(Entries taken from a collection)
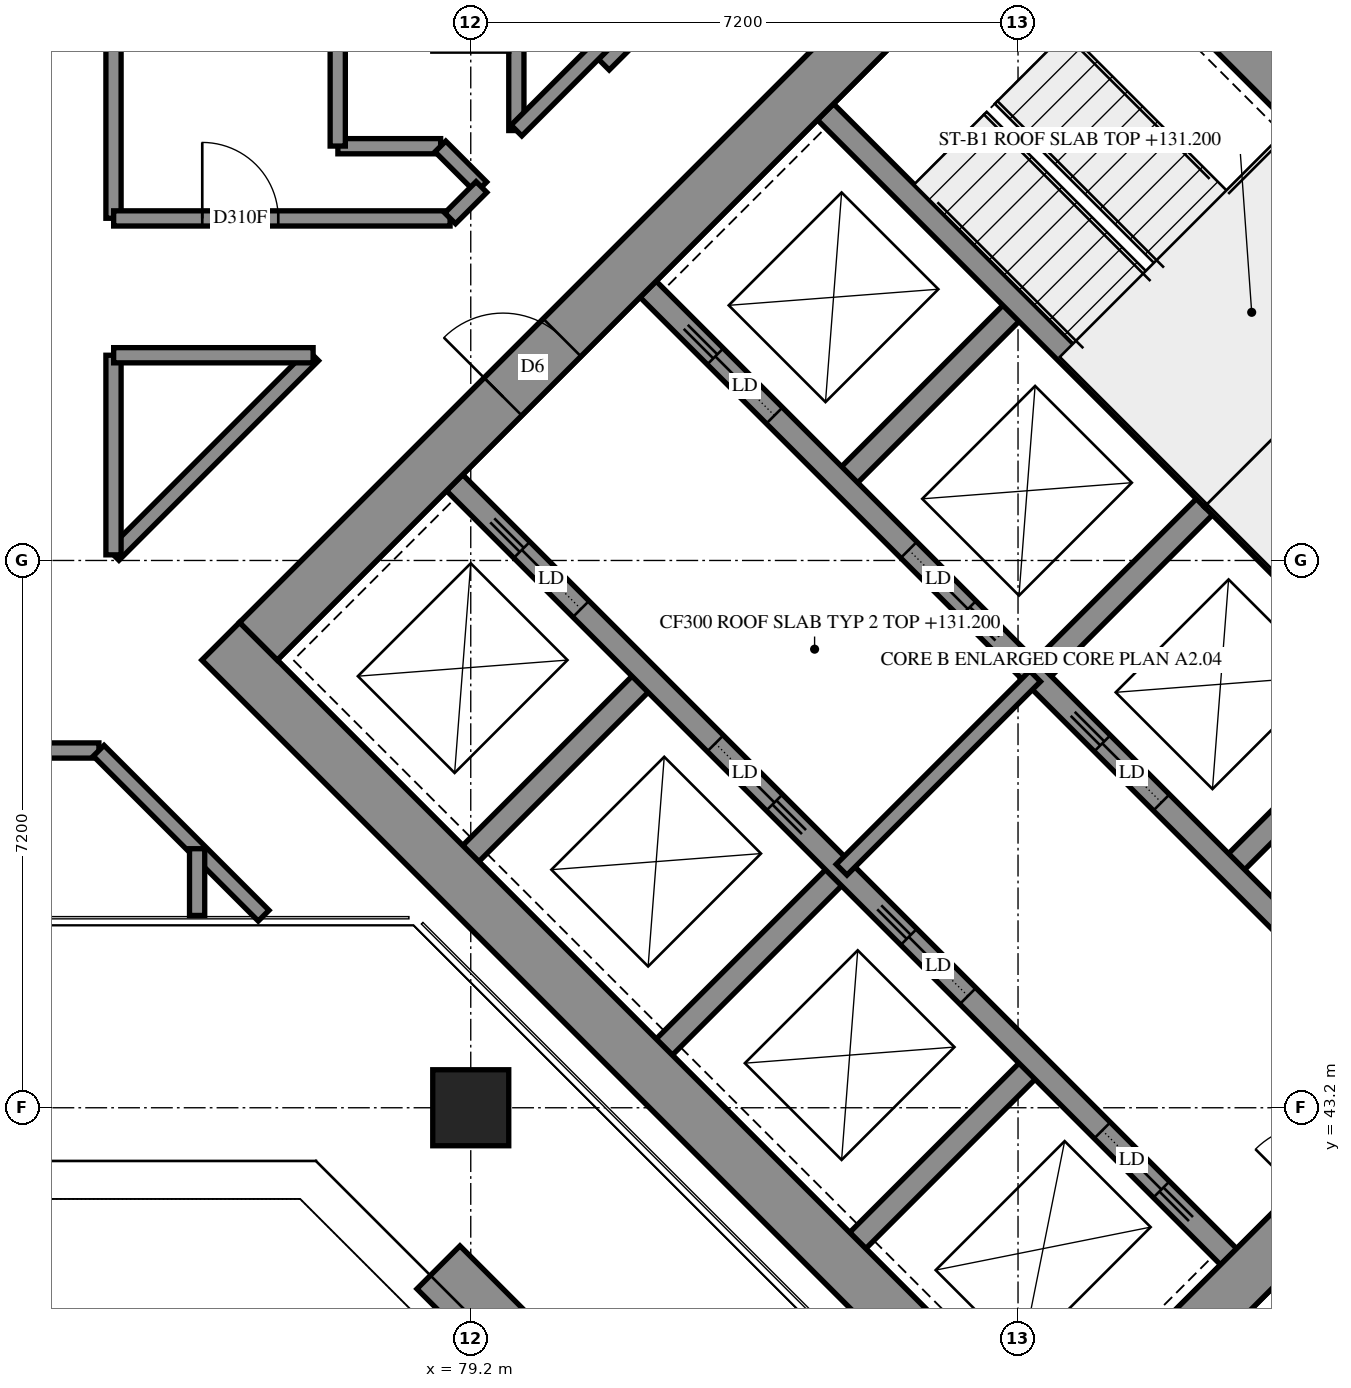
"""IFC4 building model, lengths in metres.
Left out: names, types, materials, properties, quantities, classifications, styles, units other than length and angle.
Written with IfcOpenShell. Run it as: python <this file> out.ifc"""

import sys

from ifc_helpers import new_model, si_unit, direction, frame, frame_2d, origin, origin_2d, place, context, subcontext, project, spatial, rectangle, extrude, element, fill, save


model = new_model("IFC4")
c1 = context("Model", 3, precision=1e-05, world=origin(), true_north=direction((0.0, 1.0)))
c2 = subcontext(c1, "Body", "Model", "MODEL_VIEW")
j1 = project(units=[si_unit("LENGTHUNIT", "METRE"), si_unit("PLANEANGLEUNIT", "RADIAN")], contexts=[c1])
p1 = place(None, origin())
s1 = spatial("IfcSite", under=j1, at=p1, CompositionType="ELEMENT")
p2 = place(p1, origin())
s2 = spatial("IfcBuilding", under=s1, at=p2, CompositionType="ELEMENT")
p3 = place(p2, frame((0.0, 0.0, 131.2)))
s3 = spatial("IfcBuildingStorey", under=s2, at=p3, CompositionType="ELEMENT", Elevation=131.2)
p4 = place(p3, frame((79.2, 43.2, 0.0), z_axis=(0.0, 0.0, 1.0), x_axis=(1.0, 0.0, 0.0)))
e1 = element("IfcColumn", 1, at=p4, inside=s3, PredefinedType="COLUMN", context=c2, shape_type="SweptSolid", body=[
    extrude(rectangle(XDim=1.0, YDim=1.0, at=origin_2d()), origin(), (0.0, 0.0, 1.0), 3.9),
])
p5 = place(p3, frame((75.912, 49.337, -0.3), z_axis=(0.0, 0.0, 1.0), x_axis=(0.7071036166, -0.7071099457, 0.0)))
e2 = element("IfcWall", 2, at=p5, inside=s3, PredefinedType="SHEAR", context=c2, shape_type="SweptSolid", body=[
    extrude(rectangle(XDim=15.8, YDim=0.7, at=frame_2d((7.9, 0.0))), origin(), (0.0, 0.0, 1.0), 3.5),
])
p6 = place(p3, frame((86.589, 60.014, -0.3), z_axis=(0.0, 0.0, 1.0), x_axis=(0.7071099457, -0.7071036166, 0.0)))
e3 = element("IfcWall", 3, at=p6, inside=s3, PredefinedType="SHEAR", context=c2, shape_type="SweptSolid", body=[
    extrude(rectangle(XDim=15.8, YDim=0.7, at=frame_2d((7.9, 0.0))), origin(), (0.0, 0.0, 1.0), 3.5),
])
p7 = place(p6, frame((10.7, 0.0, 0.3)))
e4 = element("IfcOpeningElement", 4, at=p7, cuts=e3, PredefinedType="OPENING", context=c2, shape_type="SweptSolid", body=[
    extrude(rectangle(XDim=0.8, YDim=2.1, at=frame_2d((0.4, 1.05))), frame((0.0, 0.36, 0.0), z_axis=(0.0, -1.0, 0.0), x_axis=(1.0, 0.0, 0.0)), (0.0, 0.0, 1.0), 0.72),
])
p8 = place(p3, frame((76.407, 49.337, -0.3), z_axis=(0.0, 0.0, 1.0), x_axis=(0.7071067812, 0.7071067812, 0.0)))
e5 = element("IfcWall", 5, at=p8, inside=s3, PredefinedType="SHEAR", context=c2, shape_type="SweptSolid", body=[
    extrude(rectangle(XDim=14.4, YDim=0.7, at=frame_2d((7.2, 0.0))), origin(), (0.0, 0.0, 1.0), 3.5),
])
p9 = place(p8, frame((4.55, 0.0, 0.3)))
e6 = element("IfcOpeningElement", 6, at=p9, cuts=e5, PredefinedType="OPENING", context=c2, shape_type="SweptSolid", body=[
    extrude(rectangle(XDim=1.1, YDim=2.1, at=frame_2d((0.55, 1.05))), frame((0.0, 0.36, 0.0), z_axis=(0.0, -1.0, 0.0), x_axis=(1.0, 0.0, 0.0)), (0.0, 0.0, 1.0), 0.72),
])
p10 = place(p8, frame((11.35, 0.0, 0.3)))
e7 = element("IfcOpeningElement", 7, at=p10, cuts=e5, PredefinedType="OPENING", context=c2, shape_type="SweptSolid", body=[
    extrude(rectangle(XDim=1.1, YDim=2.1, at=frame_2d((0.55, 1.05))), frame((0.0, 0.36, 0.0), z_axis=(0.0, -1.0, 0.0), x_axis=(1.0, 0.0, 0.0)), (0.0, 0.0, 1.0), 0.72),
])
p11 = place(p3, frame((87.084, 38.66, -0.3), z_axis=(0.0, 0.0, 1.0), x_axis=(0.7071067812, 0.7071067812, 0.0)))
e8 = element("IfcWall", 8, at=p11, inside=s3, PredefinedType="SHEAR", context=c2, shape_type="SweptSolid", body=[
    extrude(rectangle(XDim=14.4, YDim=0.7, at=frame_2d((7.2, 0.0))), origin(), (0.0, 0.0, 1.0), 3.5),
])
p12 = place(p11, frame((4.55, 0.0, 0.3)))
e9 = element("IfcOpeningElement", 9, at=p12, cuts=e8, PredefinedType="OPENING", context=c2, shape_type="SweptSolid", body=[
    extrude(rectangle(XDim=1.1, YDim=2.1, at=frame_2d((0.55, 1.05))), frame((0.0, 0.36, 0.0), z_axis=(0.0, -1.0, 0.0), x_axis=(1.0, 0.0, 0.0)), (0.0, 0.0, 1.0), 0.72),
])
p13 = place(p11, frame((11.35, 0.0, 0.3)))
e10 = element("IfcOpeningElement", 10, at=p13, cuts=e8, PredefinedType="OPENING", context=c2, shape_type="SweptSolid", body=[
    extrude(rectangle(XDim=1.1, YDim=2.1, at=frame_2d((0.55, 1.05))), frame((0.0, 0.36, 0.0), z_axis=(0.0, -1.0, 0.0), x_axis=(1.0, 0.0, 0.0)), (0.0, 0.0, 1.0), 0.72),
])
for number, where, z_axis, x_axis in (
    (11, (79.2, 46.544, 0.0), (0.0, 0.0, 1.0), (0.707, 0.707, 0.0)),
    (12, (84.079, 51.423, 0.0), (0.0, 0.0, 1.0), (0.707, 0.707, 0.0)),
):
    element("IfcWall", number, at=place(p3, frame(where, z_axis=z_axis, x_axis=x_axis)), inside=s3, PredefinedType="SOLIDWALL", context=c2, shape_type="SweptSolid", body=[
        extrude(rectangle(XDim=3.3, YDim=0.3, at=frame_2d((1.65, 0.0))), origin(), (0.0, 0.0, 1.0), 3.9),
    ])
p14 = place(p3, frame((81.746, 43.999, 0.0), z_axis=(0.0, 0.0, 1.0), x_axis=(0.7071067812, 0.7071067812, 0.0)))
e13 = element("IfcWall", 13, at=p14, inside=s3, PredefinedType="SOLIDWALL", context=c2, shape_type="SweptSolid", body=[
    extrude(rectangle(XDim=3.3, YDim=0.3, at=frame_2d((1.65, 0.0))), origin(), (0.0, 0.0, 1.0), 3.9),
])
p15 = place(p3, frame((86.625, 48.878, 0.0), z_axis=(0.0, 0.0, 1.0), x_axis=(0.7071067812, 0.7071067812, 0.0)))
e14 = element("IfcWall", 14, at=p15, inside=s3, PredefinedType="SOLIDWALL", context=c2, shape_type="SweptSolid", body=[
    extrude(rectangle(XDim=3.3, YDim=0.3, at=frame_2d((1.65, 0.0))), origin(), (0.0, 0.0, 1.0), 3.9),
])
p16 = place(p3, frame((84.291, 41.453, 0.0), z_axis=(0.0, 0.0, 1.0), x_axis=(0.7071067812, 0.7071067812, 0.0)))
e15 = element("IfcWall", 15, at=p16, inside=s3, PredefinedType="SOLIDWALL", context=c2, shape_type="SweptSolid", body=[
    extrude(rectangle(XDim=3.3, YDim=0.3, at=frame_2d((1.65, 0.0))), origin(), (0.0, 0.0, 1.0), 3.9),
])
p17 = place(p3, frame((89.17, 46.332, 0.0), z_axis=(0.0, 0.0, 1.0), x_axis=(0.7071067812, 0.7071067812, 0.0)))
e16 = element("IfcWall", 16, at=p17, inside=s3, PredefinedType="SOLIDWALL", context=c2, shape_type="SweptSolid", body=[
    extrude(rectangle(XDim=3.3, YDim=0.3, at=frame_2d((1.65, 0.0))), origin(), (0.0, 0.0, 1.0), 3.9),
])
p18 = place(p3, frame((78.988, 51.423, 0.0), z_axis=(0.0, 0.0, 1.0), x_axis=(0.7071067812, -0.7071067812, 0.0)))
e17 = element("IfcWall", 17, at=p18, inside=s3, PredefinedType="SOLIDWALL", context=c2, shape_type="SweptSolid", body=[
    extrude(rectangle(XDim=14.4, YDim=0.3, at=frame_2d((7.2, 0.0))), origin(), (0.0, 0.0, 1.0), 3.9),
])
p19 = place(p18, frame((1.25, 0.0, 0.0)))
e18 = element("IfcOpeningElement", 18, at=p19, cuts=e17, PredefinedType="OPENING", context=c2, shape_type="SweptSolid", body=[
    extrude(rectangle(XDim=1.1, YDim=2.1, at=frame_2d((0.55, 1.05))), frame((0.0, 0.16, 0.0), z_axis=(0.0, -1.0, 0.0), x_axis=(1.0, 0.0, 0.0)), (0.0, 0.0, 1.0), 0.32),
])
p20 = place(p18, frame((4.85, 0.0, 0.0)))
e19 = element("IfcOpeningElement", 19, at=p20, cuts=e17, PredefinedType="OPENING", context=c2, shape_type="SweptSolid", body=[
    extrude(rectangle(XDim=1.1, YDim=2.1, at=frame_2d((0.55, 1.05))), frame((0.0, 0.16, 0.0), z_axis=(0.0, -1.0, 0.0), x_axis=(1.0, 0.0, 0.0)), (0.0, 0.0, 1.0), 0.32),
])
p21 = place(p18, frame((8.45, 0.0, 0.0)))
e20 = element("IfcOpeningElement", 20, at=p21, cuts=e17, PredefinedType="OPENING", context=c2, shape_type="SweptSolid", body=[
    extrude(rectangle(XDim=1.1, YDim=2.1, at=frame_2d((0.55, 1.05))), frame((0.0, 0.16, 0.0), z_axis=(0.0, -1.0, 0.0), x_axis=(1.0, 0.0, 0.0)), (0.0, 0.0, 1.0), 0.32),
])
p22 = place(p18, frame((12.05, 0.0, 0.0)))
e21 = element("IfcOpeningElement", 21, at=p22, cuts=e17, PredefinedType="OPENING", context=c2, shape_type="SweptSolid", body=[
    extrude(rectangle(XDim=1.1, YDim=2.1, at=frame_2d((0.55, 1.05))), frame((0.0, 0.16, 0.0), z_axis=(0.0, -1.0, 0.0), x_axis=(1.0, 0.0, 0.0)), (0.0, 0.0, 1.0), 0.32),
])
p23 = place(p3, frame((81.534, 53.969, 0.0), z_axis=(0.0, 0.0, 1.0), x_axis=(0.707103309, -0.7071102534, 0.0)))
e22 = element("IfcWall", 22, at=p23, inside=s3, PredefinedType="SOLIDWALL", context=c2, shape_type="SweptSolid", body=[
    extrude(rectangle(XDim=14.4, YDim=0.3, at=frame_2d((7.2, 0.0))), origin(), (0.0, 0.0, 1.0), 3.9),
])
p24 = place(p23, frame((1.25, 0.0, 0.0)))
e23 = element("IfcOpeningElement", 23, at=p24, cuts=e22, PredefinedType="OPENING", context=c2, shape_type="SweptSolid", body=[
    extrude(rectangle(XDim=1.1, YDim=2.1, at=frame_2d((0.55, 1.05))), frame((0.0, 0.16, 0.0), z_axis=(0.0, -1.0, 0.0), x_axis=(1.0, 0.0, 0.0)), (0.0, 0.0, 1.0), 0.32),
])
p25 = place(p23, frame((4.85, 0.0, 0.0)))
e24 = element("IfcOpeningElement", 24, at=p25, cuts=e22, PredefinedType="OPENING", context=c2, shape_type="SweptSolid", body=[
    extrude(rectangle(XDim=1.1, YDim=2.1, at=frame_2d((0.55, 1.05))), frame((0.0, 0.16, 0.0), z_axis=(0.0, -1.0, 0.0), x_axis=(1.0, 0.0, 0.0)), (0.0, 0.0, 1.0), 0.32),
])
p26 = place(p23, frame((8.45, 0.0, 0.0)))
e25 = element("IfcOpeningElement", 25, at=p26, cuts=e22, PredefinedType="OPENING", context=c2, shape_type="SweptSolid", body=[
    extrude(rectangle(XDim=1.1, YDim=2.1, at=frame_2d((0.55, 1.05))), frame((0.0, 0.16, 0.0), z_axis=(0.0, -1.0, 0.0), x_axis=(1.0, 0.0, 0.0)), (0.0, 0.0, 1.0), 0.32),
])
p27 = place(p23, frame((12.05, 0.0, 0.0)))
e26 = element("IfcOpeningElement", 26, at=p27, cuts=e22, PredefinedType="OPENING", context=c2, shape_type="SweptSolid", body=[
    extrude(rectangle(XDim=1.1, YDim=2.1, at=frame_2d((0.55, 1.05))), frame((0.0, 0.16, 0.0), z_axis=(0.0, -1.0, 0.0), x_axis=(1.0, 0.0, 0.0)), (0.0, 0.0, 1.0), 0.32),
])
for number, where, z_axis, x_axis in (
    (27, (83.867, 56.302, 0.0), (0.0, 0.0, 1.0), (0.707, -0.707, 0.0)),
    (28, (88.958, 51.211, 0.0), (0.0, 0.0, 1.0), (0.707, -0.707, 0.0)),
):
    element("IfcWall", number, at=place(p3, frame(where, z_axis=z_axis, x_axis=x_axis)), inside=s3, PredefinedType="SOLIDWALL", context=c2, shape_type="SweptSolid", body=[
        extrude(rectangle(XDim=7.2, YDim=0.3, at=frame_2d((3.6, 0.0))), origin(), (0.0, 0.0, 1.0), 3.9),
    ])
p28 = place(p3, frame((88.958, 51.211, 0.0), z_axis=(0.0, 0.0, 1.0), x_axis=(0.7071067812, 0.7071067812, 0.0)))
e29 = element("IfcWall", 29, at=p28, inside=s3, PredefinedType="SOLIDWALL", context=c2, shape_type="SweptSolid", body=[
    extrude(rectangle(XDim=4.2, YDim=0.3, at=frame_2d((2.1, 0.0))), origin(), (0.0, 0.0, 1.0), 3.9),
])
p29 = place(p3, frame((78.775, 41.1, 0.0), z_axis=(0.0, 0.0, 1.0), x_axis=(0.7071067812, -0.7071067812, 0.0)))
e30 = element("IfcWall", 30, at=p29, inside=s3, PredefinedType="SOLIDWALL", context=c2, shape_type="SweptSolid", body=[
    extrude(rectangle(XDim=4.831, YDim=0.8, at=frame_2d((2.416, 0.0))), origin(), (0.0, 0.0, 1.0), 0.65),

◆ What you have to do
Reproduce, word for word, every line from the start of the records down to and including the line with "x_axis=(0.7071036166, -0.7071099457, 0.0)))"; skip the pictures.

◆ Exercise answer
"""IFC4 building model, lengths in metres.
Left out: names, types, materials, properties, quantities, classifications, styles, units other than length and angle.
Written with IfcOpenShell. Run it as: python <this file> out.ifc"""

import sys

from ifc_helpers import new_model, si_unit, direction, frame, frame_2d, origin, origin_2d, place, context, subcontext, project, spatial, rectangle, extrude, element, fill, save


model = new_model("IFC4")
c1 = context("Model", 3, precision=1e-05, world=origin(), true_north=direction((0.0, 1.0)))
c2 = subcontext(c1, "Body", "Model", "MODEL_VIEW")
j1 = project(units=[si_unit("LENGTHUNIT", "METRE"), si_unit("PLANEANGLEUNIT", "RADIAN")], contexts=[c1])
p1 = place(None, origin())
s1 = spatial("IfcSite", under=j1, at=p1, CompositionType="ELEMENT")
p2 = place(p1, origin())
s2 = spatial("IfcBuilding", under=s1, at=p2, CompositionType="ELEMENT")
p3 = place(p2, frame((0.0, 0.0, 131.2)))
s3 = spatial("IfcBuildingStorey", under=s2, at=p3, CompositionType="ELEMENT", Elevation=131.2)
p4 = place(p3, frame((79.2, 43.2, 0.0), z_axis=(0.0, 0.0, 1.0), x_axis=(1.0, 0.0, 0.0)))
e1 = element("IfcColumn", 1, at=p4, inside=s3, PredefinedType="COLUMN", context=c2, shape_type="SweptSolid", body=[
    extrude(rectangle(XDim=1.0, YDim=1.0, at=origin_2d()), origin(), (0.0, 0.0, 1.0), 3.9),
])
p5 = place(p3, frame((75.912, 49.337, -0.3), z_axis=(0.0, 0.0, 1.0), x_axis=(0.7071036166, -0.7071099457, 0.0)))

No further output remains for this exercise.